■ **YOUR TASK**:
Unless it is a picture, every line from the start of the entries through the line with "x_axis=(0.500001938803, -0.866024284413, 0.0)))" must be retyped exactly.

■ **Records from a collection**:
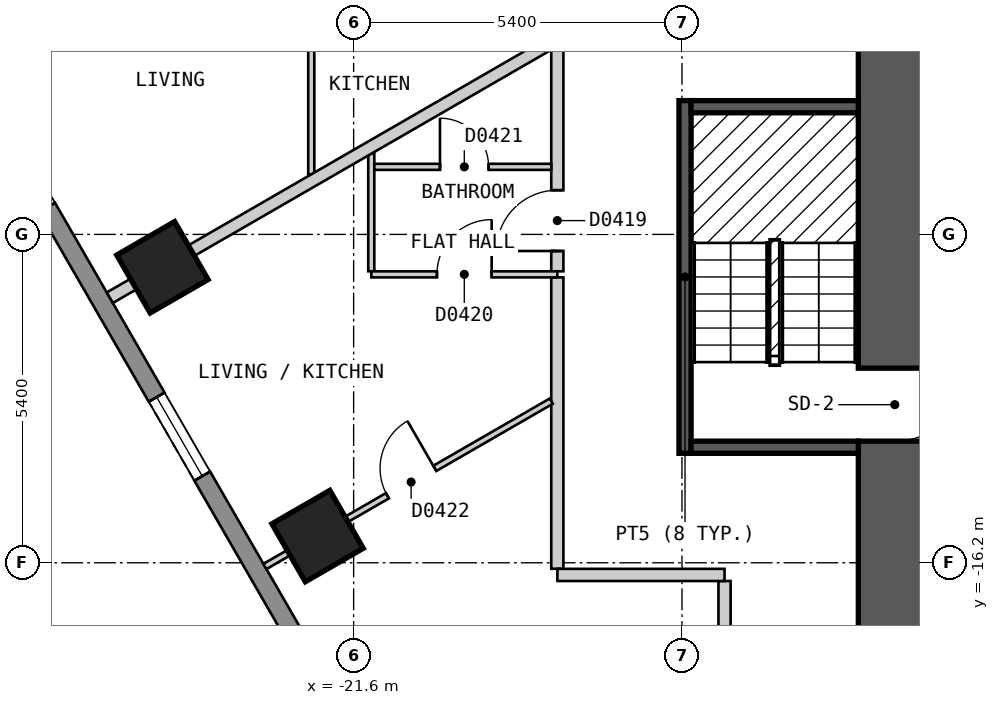
"""IFC4 building model, lengths in metres.
Left out: names, types, materials, properties, quantities, classifications, styles, units other than length and angle.
Written with IfcOpenShell. Run it as: python <this file> out.ifc"""

import sys

from ifc_helpers import new_model, si_unit, direction, frame, frame_2d, origin, origin_2d, place, context, subcontext, project, spatial, polyline, rectangle, outline, extrude, element, fill, save


model = new_model("IFC4")
c1 = context("Model", 3, precision=1e-05, world=origin(), true_north=direction((0.0, 1.0)))
c2 = subcontext(c1, "Body", "Model", "MODEL_VIEW")
j1 = project(units=[si_unit("LENGTHUNIT", "METRE"), si_unit("PLANEANGLEUNIT", "RADIAN")], contexts=[c1])
p1 = place(None, origin())
s1 = spatial("IfcSite", under=j1, at=p1, CompositionType="ELEMENT")
p2 = place(p1, origin())
s2 = spatial("IfcBuilding", under=s1, at=p2, CompositionType="ELEMENT")
p3 = place(p2, frame((0.0, 0.0, 38.4)))
s3 = spatial("IfcBuildingStorey", under=s2, at=p3, CompositionType="ELEMENT", Elevation=38.4)
for number, where, z_axis, x_axis in (
    (1, (-24.745, -11.341, 0.0), (0.0, 0.0, 1.0), (0.5, -0.866, 0.0)),
    (2, (-22.193, -15.761, 0.0), (0.0, 0.0, 1.0), (0.5, -0.866, 0.0)),
):
    element("IfcColumn", number, at=place(p3, frame(where, z_axis=z_axis, x_axis=x_axis)), inside=s3, PredefinedType="COLUMN", context=c2, shape_type="SweptSolid", body=[
        extrude(rectangle(XDim=1.1, YDim=1.1, at=origin_2d()), origin(), (0.0, 0.0, 1.0), 3.0),
    ])
p4 = place(p3, frame((-12.7, -17.8, 0.0), z_axis=(0.0, 0.0, 1.0), x_axis=(0.0, 1.0, 0.0)))
e3 = element("IfcWall", 3, at=p4, inside=s3, PredefinedType="SHEAR", context=c2, shape_type="SweptSolid", body=[
    extrude(rectangle(XDim=11.6, YDim=1.2, at=frame_2d((5.8, 0.0))), origin(), (0.0, 0.0, 1.0), 2.7),
])
p5 = place(p4, frame((3.6, 0.0, 0.0)))
e4 = element("IfcOpeningElement", 4, at=p5, cuts=e3, PredefinedType="OPENING", context=c2, shape_type="SweptSolid", body=[
    extrude(rectangle(XDim=1.2, YDim=2.1, at=frame_2d((0.6, 1.05))), frame((0.0, 0.61, 0.0), z_axis=(0.0, -1.0, 0.0), x_axis=(1.0, 0.0, 0.0)), (0.0, 0.0, 1.0), 1.22),
])
p6 = place(p3, frame((-31.22, -2.425, 0.0), z_axis=(0.0, 0.0, 1.0), x_axis=(0.500001938803, -0.866024284413, 0.0)))
e5 = element("IfcWall", 5, at=p6, inside=s3, PredefinedType="SOLIDWALL", context=c2, shape_type="SweptSolid", body=[
    extrude(outline(polyline([(0.0, -0.15), (27.02, -0.15), (26.94, 0.15), (0.08, 0.15), (0.0, -0.15)])), origin(), (0.0, 0.0, 1.0), 2.7),
])
p7 = place(p6, frame((2.553, 0.0, 0.15)))
e6 = element("IfcOpeningElement", 6, at=p7, cuts=e5, PredefinedType="OPENING", context=c2, shape_type="SweptSolid", body=[
    extrude(rectangle(XDim=1.5, YDim=2.1, at=frame_2d((0.75, 1.05))), frame((0.0, 0.16, 0.0), z_axis=(0.0, -1.0, 0.0), x_axis=(1.0, 0.0, 0.0)), (0.0, 0.0, 1.0), 0.32),
])
p8 = place(p6, frame((7.657, 0.0, 0.15)))
e7 = element("IfcOpeningElement", 7, at=p8, cuts=e5, PredefinedType="OPENING", context=c2, shape_type="SweptSolid", body=[
    extrude(rectangle(XDim=1.5, YDim=2.1, at=frame_2d((0.75, 1.05))), frame((0.0, 0.16, 0.0), z_axis=(0.0, -1.0, 0.0), x_axis=(1.0, 0.0, 0.0)), (0.0, 0.0, 1.0), 0.32),
])
p9 = place(p6, frame((12.761, 0.0, 0.15)))
e8 = element("IfcOpeningElement", 8, at=p9, cuts=e5, PredefinedType="OPENING", context=c2, shape_type="SweptSolid", body=[
    extrude(rectangle(XDim=1.5, YDim=2.1, at=frame_2d((0.75, 1.05))), frame((0.0, 0.16, 0.0), z_axis=(0.0, -1.0, 0.0), x_axis=(1.0, 0.0, 0.0)), (0.0, 0.0, 1.0), 0.32),
])
p10 = place(p6, frame((17.865, 0.0, 0.15)))
e9 = element("IfcOpeningElement", 9, at=p10, cuts=e5, PredefinedType="OPENING", context=c2, shape_type="SweptSolid", body=[
    extrude(rectangle(XDim=1.5, YDim=2.1, at=frame_2d((0.75, 1.05))), frame((0.0, 0.16, 0.0), z_axis=(0.0, -1.0, 0.0), x_axis=(1.0, 0.0, 0.0)), (0.0, 0.0, 1.0), 0.32),
])
p11 = place(p6, frame((22.969, 0.0, 0.15)))
e10 = element("IfcOpeningElement", 10, at=p11, cuts=e5, PredefinedType="OPENING", context=c2, shape_type="SweptSolid", body=[
    extrude(rectangle(XDim=1.5, YDim=2.1, at=frame_2d((0.75, 1.05))), frame((0.0, 0.16, 0.0), z_axis=(0.0, -1.0, 0.0), x_axis=(1.0, 0.0, 0.0)), (0.0, 0.0, 1.0), 0.32),
])
p12 = place(p3, frame((-15.5, -16.5, 0.0), z_axis=(0.0, 0.0, 1.0), x_axis=(0.0, -1.0, 0.0)))
e11 = element("IfcWall", 11, at=p12, inside=s3, PredefinedType="PARTITIONING", context=c2, shape_type="SweptSolid", body=[
    extrude(rectangle(XDim=4.599, YDim=0.2, at=frame_2d((2.3, 0.0))), origin(), (0.0, 0.0, 1.0), 2.7),
])
p13 = place(p3, frame((-18.25, -11.507, 0.0), z_axis=(0.0, 0.0, 1.0), x_axis=(0.0, -1.0, 0.0)))
e12 = element("IfcWall", 12, at=p13, inside=s3, PredefinedType="PARTITIONING", context=c2, shape_type="SweptSolid", body=[
    extrude(rectangle(XDim=4.792, YDim=0.2, at=frame_2d((2.396, 0.0))), origin(), (0.0, 0.0, 1.0), 2.7),
])
p14 = place(p3, frame((-18.249, -16.4, 0.0), z_axis=(0.0, 0.0, 1.0), x_axis=(1.0, 0.0, 0.0)))
e13 = element("IfcWall", 13, at=p14, inside=s3, PredefinedType="PARTITIONING", context=c2, shape_type="SweptSolid", body=[
    extrude(rectangle(XDim=2.749, YDim=0.2, at=frame_2d((1.375, 0.0))), origin(), (0.0, 0.0, 1.0), 2.7),
])
p15 = place(p3, frame((-18.25, -11.407, 0.0), z_axis=(0.0, 0.0, 1.0), x_axis=(0.0, 1.0, 0.0)))
e14 = element("IfcWall", 14, at=p15, inside=s3, PredefinedType="PARTITIONING", context=c2, shape_type="SweptSolid", body=[
    extrude(rectangle(XDim=3.665, YDim=0.2, at=frame_2d((1.833, 0.0))), origin(), (0.0, 0.0, 1.0), 2.7),
])
p16 = place(p15, frame((0.334, 0.0, 0.0)))
e15 = element("IfcOpeningElement", 15, at=p16, cuts=e14, PredefinedType="OPENING", context=c2, shape_type="SweptSolid", body=[
    extrude(rectangle(XDim=1.0, YDim=2.1, at=frame_2d((0.5, 1.05))), frame((0.0, 0.11, 0.0), z_axis=(0.0, -1.0, 0.0), x_axis=(1.0, 0.0, 0.0)), (0.0, 0.0, 1.0), 0.22),
])
p17 = place(p3, frame((-21.31, -9.474, 0.0), z_axis=(0.0, 0.0, 1.0), x_axis=(0.0, -1.0, 0.0)))
e16 = element("IfcWall", 16, at=p17, inside=s3, PredefinedType="PARTITIONING", context=c2, shape_type="SweptSolid", body=[
    extrude(rectangle(XDim=1.932, YDim=0.1, at=frame_2d((0.966, 0.0))), origin(), (0.0, 0.0, 1.0), 2.7),
])
p18 = place(p3, frame((-21.26, -9.689, 0.0), z_axis=(0.0, 0.0, 1.0), x_axis=(1.0, 0.0, 0.0)))
e17 = element("IfcWall", 17, at=p18, inside=s3, PredefinedType="PARTITIONING", context=c2, shape_type="SweptSolid", body=[
    extrude(rectangle(XDim=2.91, YDim=0.1, at=frame_2d((1.455, 0.0))), origin(), (0.0, 0.0, 1.0), 2.7),
])
p19 = place(p18, frame((1.08, 0.0, 0.0)))
e18 = element("IfcOpeningElement", 18, at=p19, cuts=e17, PredefinedType="OPENING", context=c2, shape_type="SweptSolid", body=[
    extrude(rectangle(XDim=0.8, YDim=2.1, at=frame_2d((0.4, 1.05))), frame((0.0, 0.06, 0.0), z_axis=(0.0, -1.0, 0.0), x_axis=(1.0, 0.0, 0.0)), (0.0, 0.0, 1.0), 0.12),
])
p20 = place(p3, frame((-21.309, -11.457, 0.0), z_axis=(0.0, 0.0, 1.0), x_axis=(1.0, 0.0, 0.0)))
e19 = element("IfcWall", 19, at=p20, inside=s3, PredefinedType="PARTITIONING", context=c2, shape_type="SweptSolid", body=[
    extrude(rectangle(XDim=3.059, YDim=0.1, at=frame_2d((1.53, 0.0))), origin(), (0.0, 0.0, 1.0), 2.7),
])
p21 = place(p20, frame((1.079, 0.0, 0.0)))
e20 = element("IfcOpeningElement", 20, at=p21, cuts=e19, PredefinedType="OPENING", context=c2, shape_type="SweptSolid", body=[
    extrude(rectangle(XDim=0.9, YDim=2.1, at=frame_2d((0.45, 1.05))), frame((0.0, 0.06, 0.0), z_axis=(0.0, -1.0, 0.0), x_axis=(1.0, 0.0, 0.0)), (0.0, 0.0, 1.0), 0.12),
])
p22 = place(p3, frame((-22.297, -9.813, 0.0), z_axis=(0.0, 0.0, 1.0), x_axis=(0.0, 1.0, 0.0)))
e21 = element("IfcWall", 21, at=p22, inside=s3, PredefinedType="PARTITIONING", context=c2, shape_type="SweptSolid", body=[
    extrude(rectangle(XDim=4.338, YDim=0.1, at=frame_2d((2.169, 0.0))), origin(), (0.0, 0.0, 1.0), 2.7),
])
p23 = place(p22, frame((2.818, 0.0, 0.0)))
e22 = element("IfcOpeningElement", 22, at=p23, cuts=e21, PredefinedType="OPENING", context=c2, shape_type="SweptSolid", body=[
    extrude(rectangle(XDim=0.9, YDim=2.1, at=frame_2d((0.45, 1.05))), frame((0.0, 0.06, 0.0), z_axis=(0.0, -1.0, 0.0), x_axis=(1.0, 0.0, 0.0)), (0.0, 0.0, 1.0), 0.12),
])
p24 = place(p3, frame((-23.059, -16.261, 0.0), z_axis=(0.0, 0.0, 1.0), x_axis=(0.866004639177, 0.500035963631, 0.0)))
e23 = element("IfcWall", 23, at=p24, inside=s3, PredefinedType="PARTITIONING", context=c2, shape_type="SweptSolid", body=[
    extrude(rectangle(XDim=5.438, YDim=0.1, at=frame_2d((2.719, 0.0))), origin(), (0.0, 0.0, 1.0), 2.7),
])
p25 = place(p24, frame((2.326, 0.0, 0.0)))
e24 = element("IfcOpeningElement", 24, at=p25, cuts=e23, PredefinedType="OPENING", context=c2, shape_type="SweptSolid", body=[
    extrude(rectangle(XDim=0.9, YDim=2.1, at=frame_2d((0.45, 1.05))), frame((0.0, 0.06, 0.0), z_axis=(0.0, -1.0, 0.0), x_axis=(1.0, 0.0, 0.0)), (0.0, 0.0, 1.0), 0.12),
])
p26 = place(p3, frame((-25.61, -11.841, 0.0), z_axis=(0.0, 0.0, 1.0), x_axis=(0.866019023803, 0.500011050288, 0.0)))
e25 = element("IfcWall", 25, at=p26, inside=s3, PredefinedType="PARTITIONING", context=c2, shape_type="SweptSolid", body=[
    extrude(rectangle(XDim=8.47, YDim=0.2, at=frame_2d((4.235, 0.0))), origin(), (0.0, 0.0, 1.0), 2.7),
])
p27 = place(p3, frame((-16.15, -14.4, 0.0), z_axis=(0.0, 0.0, 1.0), x_axis=(0.0, 1.0, 0.0)))
e26 = element("IfcWall", 26, at=p27, inside=s3, PredefinedType="SOLIDWALL", context=c2, shape_type="SweptSolid", body=[
    extrude(rectangle(XDim=5.8, YDim=0.2, at=frame_2d((2.9, 0.0))), origin(), (0.0, 0.0, 1.0), 2.7),
])
for number, where, z_axis, x_axis in (
    (27, (-16.05, -14.3, 0.0), (0.0, 0.0, 1.0), (1.0, 0.0, 0.0)),
    (28, (-16.05, -8.7, 0.0), (0.0, 0.0, 1.0), (1.0, 0.0, 0.0)),
):
    element("IfcWall", number, at=place(p3, frame(where, z_axis=z_axis, x_axis=x_axis)), inside=s3, PredefinedType="SOLIDWALL", context=c2, shape_type="SweptSolid", body=[
        extrude(rectangle(XDim=2.75, YDim=0.2, at=frame_2d((1.375, 0.0))), origin(), (0.0, 0.0, 1.0), 2.7),
    ])
p28 = place(p9, origin())
e29 = element("IfcWindow", 29, at=p28, inside=s3, PartitioningType="SINGLE_PANEL", PredefinedType="WINDOW", context=c2, shape_type="SweptSolid", body=[
    extrude(rectangle(XDim=1.5, YDim=2.1, at=frame_2d((0.75, 1.05))), frame((0.0, 0.03, 0.0), z_axis=(0.0, -1.0, 0.0), x_axis=(1.0, 0.0, 0.0)), (0.0, 0.0, 1.0), 0.06),
])
fill(e8, e29)
p29 = place(p16, origin())
e30 = element("IfcDoor", 30, at=p29, inside=s3, OperationType="SINGLE_SWING_LEFT", PredefinedType="DOOR", context=c2, shape_type="SweptSolid", body=[
    extrude(rectangle(XDim=1.0, YDim=2.1, at=frame_2d((0.5, 1.05))), frame((0.0, 0.025, 0.0), z_axis=(0.0, -1.0, 0.0), x_axis=(1.0, 0.0, 0.0)), (0.0, 0.0, 1.0), 0.05),
])
fill(e15, e30)
p30 = place(p21, origin())
e31 = element("IfcDoor", 31, at=p30, inside=s3, OperationType="SINGLE_SWING_RIGHT", PredefinedType="DOOR", context=c2, shape_type="SweptSolid", body=[
    extrude(rectangle(XDim=0.9, YDim=2.1, at=frame_2d((0.45, 1.05))), frame((0.0, 0.025, 0.0), z_axis=(0.0, -1.0, 0.0), x_axis=(1.0, 0.0, 0.0)), (0.0, 0.0, 1.0), 0.05),
])
fill(e20, e31)
p31 = place(p19, origin())
e32 = element("IfcDoor", 32, at=p31, inside=s3, OperationType="SINGLE_SWING_LEFT", PredefinedType="DOOR", context=c2, shape_type="SweptSolid", body=[
    extrude(rectangle(XDim=0.8, YDim=2.1, at=frame_2d((0.4, 1.05))), frame((0.0, 0.025, 0.0), z_axis=(0.0, -1.0, 0.0), x_axis=(1.0, 0.0, 0.0)), (0.0, 0.0, 1.0), 0.05),
])
fill(e18, e32)
p32 = place(p25, origin())
e33 = element("IfcDoor", 33, at=p32, inside=s3, OperationType="SINGLE_SWING_RIGHT", PredefinedType="DOOR", context=c2, shape_type="SweptSolid", body=[
    extrude(rectangle(XDim=0.9, YDim=2.1, at=frame_2d((0.45, 1.05))), frame((0.0, 0.025, 0.0), z_axis=(0.0, -1.0, 0.0), x_axis=(1.0, 0.0, 0.0)), (0.0, 0.0, 1.0), 0.05),
])
fill(e24, e33)
p33 = place(p5, origin())
e34 = element("IfcDoor", 34, at=p33, inside=s3, OperationType="SINGLE_SWING_RIGHT", PredefinedType="DOOR", context=c2, shape_type="SweptSolid", body=[
    extrude(rectangle(XDim=1.2, YDim=2.1, at=frame_2d((0.6, 1.05))), frame((0.0, 0.025, 0.0), z_axis=(0.0, -1.0, 0.0), x_axis=(1.0, 0.0, 0.0)), (0.0, 0.0, 1.0), 0.05),
])
fill(e4, e34)
save(model, sys.argv[1])

■ **ANSWER BOX**:
"""IFC4 building model, lengths in metres.
Left out: names, types, materials, properties, quantities, classifications, styles, units other than length and angle.
Written with IfcOpenShell. Run it as: python <this file> out.ifc"""

import sys

from ifc_helpers import new_model, si_unit, direction, frame, frame_2d, origin, origin_2d, place, context, subcontext, project, spatial, polyline, rectangle, outline, extrude, element, fill, save


model = new_model("IFC4")
c1 = context("Model", 3, precision=1e-05, world=origin(), true_north=direction((0.0, 1.0)))
c2 = subcontext(c1, "Body", "Model", "MODEL_VIEW")
j1 = project(units=[si_unit("LENGTHUNIT", "METRE"), si_unit("PLANEANGLEUNIT", "RADIAN")], contexts=[c1])
p1 = place(None, origin())
s1 = spatial("IfcSite", under=j1, at=p1, CompositionType="ELEMENT")
p2 = place(p1, origin())
s2 = spatial("IfcBuilding", under=s1, at=p2, CompositionType="ELEMENT")
p3 = place(p2, frame((0.0, 0.0, 38.4)))
s3 = spatial("IfcBuildingStorey", under=s2, at=p3, CompositionType="ELEMENT", Elevation=38.4)
for number, where, z_axis, x_axis in (
    (1, (-24.745, -11.341, 0.0), (0.0, 0.0, 1.0), (0.5, -0.866, 0.0)),
    (2, (-22.193, -15.761, 0.0), (0.0, 0.0, 1.0), (0.5, -0.866, 0.0)),
):
    element("IfcColumn", number, at=place(p3, frame(where, z_axis=z_axis, x_axis=x_axis)), inside=s3, PredefinedType="COLUMN", context=c2, shape_type="SweptSolid", body=[
        extrude(rectangle(XDim=1.1, YDim=1.1, at=origin_2d()), origin(), (0.0, 0.0, 1.0), 3.0),
    ])
p4 = place(p3, frame((-12.7, -17.8, 0.0), z_axis=(0.0, 0.0, 1.0), x_axis=(0.0, 1.0, 0.0)))
e3 = element("IfcWall", 3, at=p4, inside=s3, PredefinedType="SHEAR", context=c2, shape_type="SweptSolid", body=[
    extrude(rectangle(XDim=11.6, YDim=1.2, at=frame_2d((5.8, 0.0))), origin(), (0.0, 0.0, 1.0), 2.7),
])
p5 = place(p4, frame((3.6, 0.0, 0.0)))
e4 = element("IfcOpeningElement", 4, at=p5, cuts=e3, PredefinedType="OPENING", context=c2, shape_type="SweptSolid", body=[
    extrude(rectangle(XDim=1.2, YDim=2.1, at=frame_2d((0.6, 1.05))), frame((0.0, 0.61, 0.0), z_axis=(0.0, -1.0, 0.0), x_axis=(1.0, 0.0, 0.0)), (0.0, 0.0, 1.0), 1.22),
])
p6 = place(p3, frame((-31.22, -2.425, 0.0), z_axis=(0.0, 0.0, 1.0), x_axis=(0.500001938803, -0.866024284413, 0.0)))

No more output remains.